Available data Start Marker

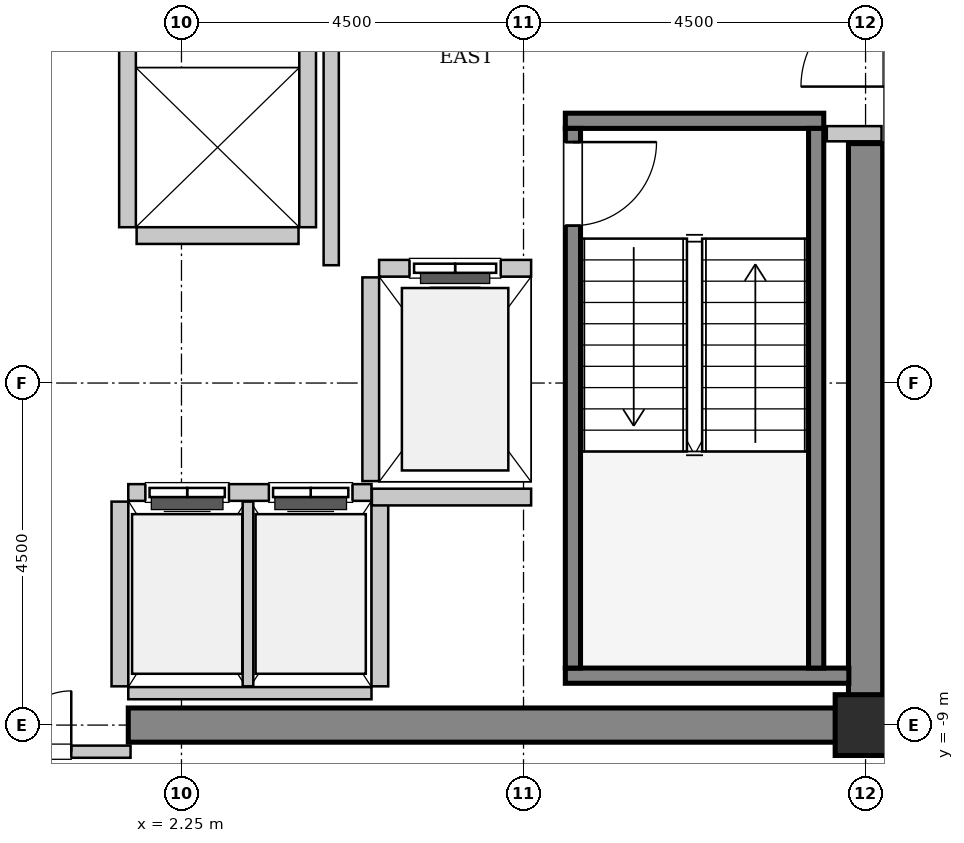
"""IFC4 building model, lengths in metres.
Left out: names, types, materials, properties, quantities, classifications, styles, units other than length and angle.
Written with IfcOpenShell. Run it as: python <this file> out.ifc"""

import sys

from ifc_helpers import new_model, si_unit, direction, frame, frame_2d, origin, origin_2d, place, context, subcontext, project, spatial, rectangle, hollow_rectangle, extrude, source, transform, mapped, element, fill, save


model = new_model("IFC4")
c1 = context("Model", 3, precision=1e-05, world=origin(), true_north=direction((0.0, 1.0)))
c2 = subcontext(c1, "Body", "Model", "MODEL_VIEW")
j1 = project(units=[si_unit("LENGTHUNIT", "METRE"), si_unit("PLANEANGLEUNIT", "RADIAN")], contexts=[c1])
p1 = place(None, origin())
s1 = spatial("IfcSite", under=j1, at=p1, CompositionType="ELEMENT")
p2 = place(p1, origin())
s2 = spatial("IfcBuilding", under=s1, at=p2, CompositionType="ELEMENT")
p3 = place(p2, frame((0.0, 0.0, 233.2)))
s3 = spatial("IfcBuildingStorey", under=s2, at=p3, CompositionType="ELEMENT", Elevation=233.2)
m1 = source(origin(), c2, "Body", "SweptSolid", [
    extrude(rectangle(XDim=9.925, YDim=0.45, at=frame_2d((4.962, 0.0))), origin(), (0.0, 0.0, 1.0), 3.8),
])
p4 = place(p3, frame((1.55, -9.0, 0.0), z_axis=(0.0, 0.0, 1.0), x_axis=(1.0, 0.0, 0.0)))
e1 = element("IfcWall", 1, at=p4, inside=s3, PredefinedType="SHEAR", context=c2, shape_type="MappedRepresentation", body=[
    mapped(m1, transform((0.0, 0.0, 0.0), x_axis=(1.0, 0.0, 0.0), y_axis=(0.0, 1.0, 0.0), z_axis=(0.0, 0.0, 1.0), scale=1.0)),
])
m2 = source(origin(), c2, "Body", "SweptSolid", [
    extrude(rectangle(XDim=7.425, YDim=0.45, at=frame_2d((3.712, 0.0))), origin(), (0.0, 0.0, 1.0), 3.8),
])
p5 = place(p3, frame((11.25, -8.775, 0.0), z_axis=(0.0, 0.0, 1.0), x_axis=(0.0, 1.0, 0.0)))
e2 = element("IfcWall", 2, at=p5, inside=s3, PredefinedType="SHEAR", context=c2, shape_type="MappedRepresentation", body=[
    mapped(m2, transform((0.0, 0.0, 0.0), x_axis=(1.0, 0.0, 0.0), y_axis=(0.0, 1.0, 0.0), z_axis=(0.0, 0.0, 1.0), scale=1.0)),
])
m3 = source(origin(), c2, "Body", "SweptSolid", [
    extrude(hollow_rectangle(XDim=0.8, YDim=0.8, WallThickness=0.04, InnerFilletRadius=0.04, OuterFilletRadius=0.08, at=origin_2d()), origin(), (0.0, 0.0, 1.0), 3.8),
])
p6 = place(p3, frame((11.25, -9.0, 0.0), z_axis=(0.0, 0.0, 1.0), x_axis=(1.0, 0.0, 0.0)))
e3 = element("IfcColumn", 3, at=p6, inside=s3, PredefinedType="COLUMN", context=c2, shape_type="MappedRepresentation", body=[
    mapped(m3, transform((0.0, 0.0, 0.0), x_axis=(1.0, 0.0, 0.0), y_axis=(0.0, 1.0, 0.0), z_axis=(0.0, 0.0, 1.0), scale=1.0)),
])
m4 = source(origin(), c2, "Body", "SweptSolid", [
    extrude(rectangle(XDim=3.4, YDim=0.2, at=frame_2d((1.7, 0.0))), origin(), (0.0, 0.0, 1.0), 3.8),
])
p7 = place(p3, frame((7.3, -1.05, 0.0), z_axis=(0.0, 0.0, 1.0), x_axis=(1.0, 0.0, 0.0)))
e4 = element("IfcWall", 4, at=p7, inside=s3, PredefinedType="SOLIDWALL", context=c2, shape_type="MappedRepresentation", body=[
    mapped(m4, transform((0.0, 0.0, 0.0), x_axis=(1.0, 0.0, 0.0), y_axis=(0.0, 1.0, 0.0), z_axis=(0.0, 0.0, 1.0), scale=1.0)),
])
m5 = source(origin(), c2, "Body", "SweptSolid", [
    extrude(rectangle(XDim=3.73, YDim=0.2, at=frame_2d((1.865, 0.0))), origin(), (0.0, 0.0, 1.0), 3.8),
])
p8 = place(p3, frame((7.3, -8.35, 0.0), z_axis=(0.0, 0.0, 1.0), x_axis=(1.0, 0.0, 0.0)))
e5 = element("IfcWall", 5, at=p8, inside=s3, PredefinedType="SOLIDWALL", context=c2, shape_type="MappedRepresentation", body=[
    mapped(m5, transform((0.0, 0.0, 0.0), x_axis=(1.0, 0.0, 0.0), y_axis=(0.0, 1.0, 0.0), z_axis=(0.0, 0.0, 1.0), scale=1.0)),
])
m6 = source(origin(), c2, "Body", "SweptSolid", [
    extrude(rectangle(XDim=7.1, YDim=0.2, at=frame_2d((3.55, 0.0))), origin(), (0.0, 0.0, 1.0), 3.8),
])
p9 = place(p3, frame((7.4, -1.15, 0.0), z_axis=(0.0, 0.0, 1.0), x_axis=(0.0, -1.0, 0.0)))
e6 = element("IfcWall", 6, at=p9, inside=s3, PredefinedType="SOLIDWALL", context=c2, shape_type="MappedRepresentation", body=[
    mapped(m6, transform((0.0, 0.0, 0.0), x_axis=(1.0, 0.0, 0.0), y_axis=(0.0, 1.0, 0.0), z_axis=(0.0, 0.0, 1.0), scale=1.0)),
])
p10 = place(p9, frame((0.18, 0.0, 0.0)))
e7 = element("IfcOpeningElement", 7, at=p10, cuts=e6, PredefinedType="OPENING", context=c2, shape_type="SweptSolid", body=[
    extrude(rectangle(XDim=1.1, YDim=2.15, at=frame_2d((0.55, 1.075))), frame((0.0, 0.11, 0.0), z_axis=(0.0, -1.0, 0.0), x_axis=(1.0, 0.0, 0.0)), (0.0, 0.0, 1.0), 0.22),
])
p11 = place(p3, frame((10.6, -1.15, 0.0), z_axis=(0.0, 0.0, 1.0), x_axis=(0.0, -1.0, 0.0)))
e8 = element("IfcWall", 8, at=p11, inside=s3, PredefinedType="SOLIDWALL", context=c2, shape_type="MappedRepresentation", body=[
    mapped(m6, transform((0.0, 0.0, 0.0), x_axis=(1.0, 0.0, 0.0), y_axis=(0.0, 1.0, 0.0), z_axis=(0.0, 0.0, 1.0), scale=1.0)),
])
m7 = source(origin(), c2, "Body", "SweptSolid", [
    extrude(rectangle(XDim=2.0, YDim=0.22, at=frame_2d((1.0, 0.0))), origin(), (0.0, 0.0, 1.0), 3.535),
])
p12 = place(p3, frame((6.85, -2.99, 0.0), z_axis=(0.0, 0.0, 1.0), x_axis=(-1.0, 0.0, 0.0)))
e9 = element("IfcWall", 9, at=p12, inside=s3, PredefinedType="SOLIDWALL", context=c2, shape_type="MappedRepresentation", body=[
    mapped(m7, transform((0.0, 0.0, 0.0), x_axis=(1.0, 0.0, 0.0), y_axis=(0.0, 1.0, 0.0), z_axis=(0.0, 0.0, 1.0), scale=1.0)),
])
p13 = place(p12, frame((0.4, 0.0, 0.0)))
e10 = element("IfcOpeningElement", 10, at=p13, cuts=e9, PredefinedType="OPENING", context=c2, shape_type="SweptSolid", body=[
    extrude(rectangle(XDim=1.2, YDim=2.2, at=frame_2d((0.6, 1.1))), frame((0.0, 0.12, 0.0), z_axis=(0.0, -1.0, 0.0), x_axis=(1.0, 0.0, 0.0)), (0.0, 0.0, 1.0), 0.24),
])
m8 = source(origin(), c2, "Body", "SweptSolid", [
    extrude(rectangle(XDim=2.68, YDim=0.22, at=frame_2d((1.34, 0.0))), origin(), (0.0, 0.0, 1.0), 3.535),
])
p14 = place(p3, frame((4.74, -3.11, 0.0), z_axis=(0.0, 0.0, 1.0), x_axis=(0.0, -1.0, 0.0)))
e11 = element("IfcWall", 11, at=p14, inside=s3, PredefinedType="SOLIDWALL", context=c2, shape_type="MappedRepresentation", body=[
    mapped(m8, transform((0.0, 0.0, 0.0), x_axis=(1.0, 0.0, 0.0), y_axis=(0.0, 1.0, 0.0), z_axis=(0.0, 0.0, 1.0), scale=1.0)),
])
m9 = source(origin(), c2, "Body", "SweptSolid", [
    extrude(rectangle(XDim=3.2, YDim=0.22, at=frame_2d((1.6, 0.0))), origin(), (0.0, 0.0, 1.0), 3.535),
])
p15 = place(p3, frame((4.75, -5.94, 0.0), z_axis=(0.0, 0.0, 1.0), x_axis=(-1.0, 0.0, 0.0)))
e12 = element("IfcWall", 12, at=p15, inside=s3, PredefinedType="SOLIDWALL", context=c2, shape_type="MappedRepresentation", body=[
    mapped(m9, transform((0.0, 0.0, 0.0), x_axis=(1.0, 0.0, 0.0), y_axis=(0.0, 1.0, 0.0), z_axis=(0.0, 0.0, 1.0), scale=1.0)),
])
p16 = place(p15, frame((1.875, 0.0, 0.0)))
e13 = element("IfcOpeningElement", 13, at=p16, cuts=e12, PredefinedType="OPENING", context=c2, shape_type="SweptSolid", body=[
    extrude(rectangle(XDim=1.1, YDim=2.2, at=frame_2d((0.55, 1.1))), frame((0.0, 0.12, 0.0), z_axis=(0.0, -1.0, 0.0), x_axis=(1.0, 0.0, 0.0)), (0.0, 0.0, 1.0), 0.24),
])
p17 = place(p15, frame((0.25, 0.0, 0.0)))
e14 = element("IfcOpeningElement", 14, at=p17, cuts=e12, PredefinedType="OPENING", context=c2, shape_type="SweptSolid", body=[
    extrude(rectangle(XDim=1.1, YDim=2.2, at=frame_2d((0.55, 1.1))), frame((0.0, 0.12, 0.0), z_axis=(0.0, -1.0, 0.0), x_axis=(1.0, 0.0, 0.0)), (0.0, 0.0, 1.0), 0.24),
])
m10 = source(origin(), c2, "Body", "SweptSolid", [
    extrude(rectangle(XDim=3.2, YDim=0.16, at=frame_2d((1.6, 0.0))), origin(), (0.0, 0.0, 1.0), 2.625),
])
p18 = place(p3, frame((1.55, -8.58, 0.0), z_axis=(0.0, 0.0, 1.0), x_axis=(1.0, 0.0, 0.0)))
e15 = element("IfcWall", 15, at=p18, inside=s3, PredefinedType="PARTITIONING", context=c2, shape_type="MappedRepresentation", body=[
    mapped(m10, transform((0.0, 0.0, 0.0), x_axis=(1.0, 0.0, 0.0), y_axis=(0.0, 1.0, 0.0), z_axis=(0.0, 0.0, 1.0), scale=1.0)),
])
m11 = source(origin(), c2, "Body", "SweptSolid", [
    extrude(rectangle(XDim=2.43, YDim=0.22, at=frame_2d((1.215, 0.0))), origin(), (0.0, 0.0, 1.0), 3.535),
])
p19 = place(p3, frame((1.44, -6.06, 0.0), z_axis=(0.0, 0.0, 1.0), x_axis=(0.0, -1.0, 0.0)))
e16 = element("IfcWall", 16, at=p19, inside=s3, PredefinedType="SOLIDWALL", context=c2, shape_type="MappedRepresentation", body=[
    mapped(m11, transform((0.0, 0.0, 0.0), x_axis=(1.0, 0.0, 0.0), y_axis=(0.0, 1.0, 0.0), z_axis=(0.0, 0.0, 1.0), scale=1.0)),
])
m12 = source(origin(), c2, "Body", "SweptSolid", [
    extrude(rectangle(XDim=2.43, YDim=0.14, at=frame_2d((1.215, 0.0))), origin(), (0.0, 0.0, 1.0), 3.535),
])
p20 = place(p3, frame((3.125, -8.49, 0.0), z_axis=(0.0, 0.0, 1.0), x_axis=(0.0, 1.0, 0.0)))
e17 = element("IfcWall", 17, at=p20, inside=s3, PredefinedType="PARTITIONING", context=c2, shape_type="MappedRepresentation", body=[
    mapped(m12, transform((0.0, 0.0, 0.0), x_axis=(1.0, 0.0, 0.0), y_axis=(0.0, 1.0, 0.0), z_axis=(0.0, 0.0, 1.0), scale=1.0)),
])
p21 = place(p3, frame((4.86, -8.49, 0.0), z_axis=(0.0, 0.0, 1.0), x_axis=(0.0, 1.0, 0.0)))
e18 = element("IfcWall", 18, at=p21, inside=s3, PredefinedType="SOLIDWALL", context=c2, shape_type="MappedRepresentation", body=[
    mapped(m11, transform((0.0, 0.0, 0.0), x_axis=(1.0, 0.0, 0.0), y_axis=(0.0, 1.0, 0.0), z_axis=(0.0, 0.0, 1.0), scale=1.0)),
])
m13 = source(origin(), c2, "Body", "SweptSolid", [
    extrude(rectangle(XDim=4.9, YDim=0.22, at=frame_2d((2.45, 0.0))), origin(), (0.0, 0.0, 1.0), 3.535),
])
for number, where, z_axis, x_axis in (
    (19, (1.54, 2.45, 0.0), (0.0, 0.0, 1.0), (0.0, -1.0, 0.0)),
    (20, (3.91, -2.45, 0.0), (0.0, 0.0, 1.0), (0.0, 1.0, 0.0)),
):
    element("IfcWall", number, at=place(p3, frame(where, z_axis=z_axis, x_axis=x_axis)), inside=s3, PredefinedType="SOLIDWALL", context=c2, shape_type="MappedRepresentation", body=[
        mapped(m13, transform((0.0, 0.0, 0.0), x_axis=(1.0, 0.0, 0.0), y_axis=(0.0, 1.0, 0.0), z_axis=(0.0, 0.0, 1.0), scale=1.0)),
    ])
m14 = source(origin(), c2, "Body", "SweptSolid", [
    extrude(rectangle(XDim=2.13, YDim=0.22, at=frame_2d((1.065, 0.0))), origin(), (0.0, 0.0, 1.0), 3.535),
])
p22 = place(p3, frame((1.66, -2.56, 0.0), z_axis=(0.0, 0.0, 1.0), x_axis=(1.0, 0.0, 0.0)))
e21 = element("IfcWall", 21, at=p22, inside=s3, PredefinedType="SOLIDWALL", context=c2, shape_type="MappedRepresentation", body=[
    mapped(m14, transform((0.0, 0.0, 0.0), x_axis=(1.0, 0.0, 0.0), y_axis=(0.0, 1.0, 0.0), z_axis=(0.0, 0.0, 1.0), scale=1.0)),
])
m15 = source(origin(), c2, "Body", "SweptSolid", [
    extrude(rectangle(XDim=2.095, YDim=0.22, at=frame_2d((1.048, 0.0))), origin(), (0.0, 0.0, 1.0), 3.535),
])
p23 = place(p3, frame((4.755, -6.0, 0.0), z_axis=(0.0, 0.0, 1.0), x_axis=(1.0, 0.0, 0.0)))
e22 = element("IfcWall", 22, at=p23, inside=s3, PredefinedType="SOLIDWALL", context=c2, shape_type="MappedRepresentation", body=[
    mapped(m15, transform((0.0, 0.0, 0.0), x_axis=(1.0, 0.0, 0.0), y_axis=(0.0, 1.0, 0.0), z_axis=(0.0, 0.0, 1.0), scale=1.0)),
])
m16 = source(origin(), c2, "Body", "SweptSolid", [
    extrude(rectangle(XDim=5.9, YDim=0.2, at=frame_2d((2.95, 0.0))), origin(), (0.0, 0.0, 1.0), 3.535),
])
p24 = place(p3, frame((4.22, -2.95, 0.0), z_axis=(0.0, 0.0, 1.0), x_axis=(0.0, 1.0, 0.0)))
e23 = element("IfcWall", 23, at=p24, inside=s3, PredefinedType="PARTITIONING", context=c2, shape_type="MappedRepresentation", body=[
    mapped(m16, transform((0.0, 0.0, 0.0), x_axis=(1.0, 0.0, 0.0), y_axis=(0.0, 1.0, 0.0), z_axis=(0.0, 0.0, 1.0), scale=1.0)),
])
m17 = source(origin(), c2, "Body", "SweptSolid", [
    extrude(rectangle(XDim=0.72, YDim=0.2, at=frame_2d((0.36, 0.0))), origin(), (0.0, 0.0, 1.0), 3.535),
])
p25 = place(p3, frame((10.74, -1.22, 0.0), z_axis=(0.0, 0.0, 1.0), x_axis=(1.0, 0.0, 0.0)))
e24 = element("IfcWall", 24, at=p25, inside=s3, PredefinedType="PARTITIONING", context=c2, shape_type="MappedRepresentation", body=[
    mapped(m17, transform((0.0, 0.0, 0.0), x_axis=(1.0, 0.0, 0.0), y_axis=(0.0, 1.0, 0.0), z_axis=(0.0, 0.0, 1.0), scale=1.0)),
])
m18 = source(origin(), c2, "Body", "SweptSolid", [
    extrude(rectangle(XDim=3.16, YDim=0.16, at=frame_2d((1.58, 0.0))), origin(), (0.0, 0.0, 1.0), 2.625),
])
p26 = place(p3, frame((-1.58, -9.35, 0.0), z_axis=(0.0, 0.0, 1.0), x_axis=(1.0, 0.0, 0.0)))
e25 = element("IfcWall", 25, at=p26, inside=s3, PredefinedType="PARTITIONING", context=c2, shape_type="MappedRepresentation", body=[
    mapped(m18, transform((0.0, 0.0, 0.0), x_axis=(1.0, 0.0, 0.0), y_axis=(0.0, 1.0, 0.0), z_axis=(0.0, 0.0, 1.0), scale=1.0)),
])
p27 = place(p26, frame((0.78, 0.0, 0.0)))
e26 = element("IfcOpeningElement", 26, at=p27, cuts=e25, PredefinedType="OPENING", context=c2, shape_type="SweptSolid", body=[
    extrude(rectangle(XDim=1.6, YDim=2.3, at=frame_2d((0.8, 1.15))), frame((0.0, 0.09, 0.0), z_axis=(0.0, -1.0, 0.0), x_axis=(1.0, 0.0, 0.0)), (0.0, 0.0, 1.0), 0.18),
])
m19 = source(origin(), c2, "Body", "SweptSolid", [
    extrude(rectangle(XDim=1.1, YDim=2.15, at=frame_2d((0.55, 1.075))), frame((0.0, 0.025, 0.0), z_axis=(0.0, -1.0, 0.0), x_axis=(1.0, 0.0, 0.0)), (0.0, 0.0, 1.0), 0.05),
])
p28 = place(p10, origin())
e27 = element("IfcDoor", 27, at=p28, inside=s3, OperationType="SINGLE_SWING_LEFT", PredefinedType="DOOR", context=c2, shape_type="MappedRepresentation", body=[
    mapped(m19, transform((0.0, 0.0, 0.0), x_axis=(1.0, 0.0, 0.0), y_axis=(0.0, 1.0, 0.0), z_axis=(0.0, 0.0, 1.0), scale=1.0)),
])
fill(e7, e27)
m20 = source(origin(), c2, "Body", "SweptSolid", [
    extrude(rectangle(XDim=1.2, YDim=2.2, at=frame_2d((0.6, 1.1))), frame((0.0, 0.025, 0.0), z_axis=(0.0, -1.0, 0.0), x_axis=(1.0, 0.0, 0.0)), (0.0, 0.0, 1.0), 0.05),
])
p29 = place(p13, origin())
e28 = element("IfcDoor", 28, at=p29, inside=s3, OperationType="SLIDING_TO_LEFT", PredefinedType="DOOR", context=c2, shape_type="MappedRepresentation", body=[
    mapped(m20, transform((0.0, 0.0, 0.0), x_axis=(1.0, 0.0, 0.0), y_axis=(0.0, 1.0, 0.0), z_axis=(0.0, 0.0, 1.0), scale=1.0)),
])
fill(e10, e28)
m21 = source(origin(), c2, "Body", "SweptSolid", [
    extrude(rectangle(XDim=1.1, YDim=2.2, at=frame_2d((0.55, 1.1))), frame((0.0, 0.025, 0.0), z_axis=(0.0, -1.0, 0.0), x_axis=(1.0, 0.0, 0.0)), (0.0, 0.0, 1.0), 0.05),
])
p30 = place(p16, origin())
e29 = element("IfcDoor", 29, at=p30, inside=s3, OperationType="DOUBLE_DOOR_SLIDING", PredefinedType="DOOR", context=c2, shape_type="MappedRepresentation", body=[
    mapped(m21, transform((0.0, 0.0, 0.0), x_axis=(1.0, 0.0, 0.0), y_axis=(0.0, 1.0, 0.0), z_axis=(0.0, 0.0, 1.0), scale=1.0)),
])
fill(e13, e29)
p31 = place(p17, origin())
e30 = element("IfcDoor", 30, at=p31, inside=s3, OperationType="DOUBLE_DOOR_SLIDING", PredefinedType="DOOR", context=c2, shape_type="MappedRepresentation", body=[
    mapped(m21, transform((0.0, 0.0, 0.0), x_axis=(1.0, 0.0, 0.0), y_axis=(0.0, 1.0, 0.0), z_axis=(0.0, 0.0, 1.0), scale=1.0)),
])
fill(e14, e30)
m22 = source(origin(), c2, "Body", "SweptSolid", [
    extrude(rectangle(XDim=1.6, YDim=2.3, at=frame_2d((0.8, 1.15))), frame((0.0, 0.025, 0.0), z_axis=(0.0, -1.0, 0.0), x_axis=(1.0, 0.0, 0.0)), (0.0, 0.0, 1.0), 0.05),
])
p32 = place(p27, origin())
e31 = element("IfcDoor", 31, at=p32, inside=s3, OperationType="DOUBLE_DOOR_SINGLE_SWING", PredefinedType="DOOR", context=c2, shape_type="MappedRepresentation", body=[
    mapped(m22, transform((0.0, 0.0, 0.0), x_axis=(1.0, 0.0, 0.0), y_axis=(0.0, 1.0, 0.0), z_axis=(0.0, 0.0, 1.0), scale=1.0)),
])
fill(e26, e31)
save(model, sys.argv[1])

Available data End Marker

Aim of the task: Copy out, from the data above, every line holding the word "OperationType".

Response to the exercise:
e27 = element("IfcDoor", 27, at=p28, inside=s3, OperationType="SINGLE_SWING_LEFT", PredefinedType="DOOR", context=c2, shape_type="MappedRepresentation", body=[
e28 = element("IfcDoor", 28, at=p29, inside=s3, OperationType="SLIDING_TO_LEFT", PredefinedType="DOOR", context=c2, shape_type="MappedRepresentation", body=[
e29 = element("IfcDoor", 29, at=p30, inside=s3, OperationType="DOUBLE_DOOR_SLIDING", PredefinedType="DOOR", context=c2, shape_type="MappedRepresentation", body=[
e30 = element("IfcDoor", 30, at=p31, inside=s3, OperationType="DOUBLE_DOOR_SLIDING", PredefinedType="DOOR", context=c2, shape_type="MappedRepresentation", body=[
e31 = element("IfcDoor", 31, at=p32, inside=s3, OperationType="DOUBLE_DOOR_SINGLE_SWING", PredefinedType="DOOR", context=c2, shape_type="MappedRepresentation", body=[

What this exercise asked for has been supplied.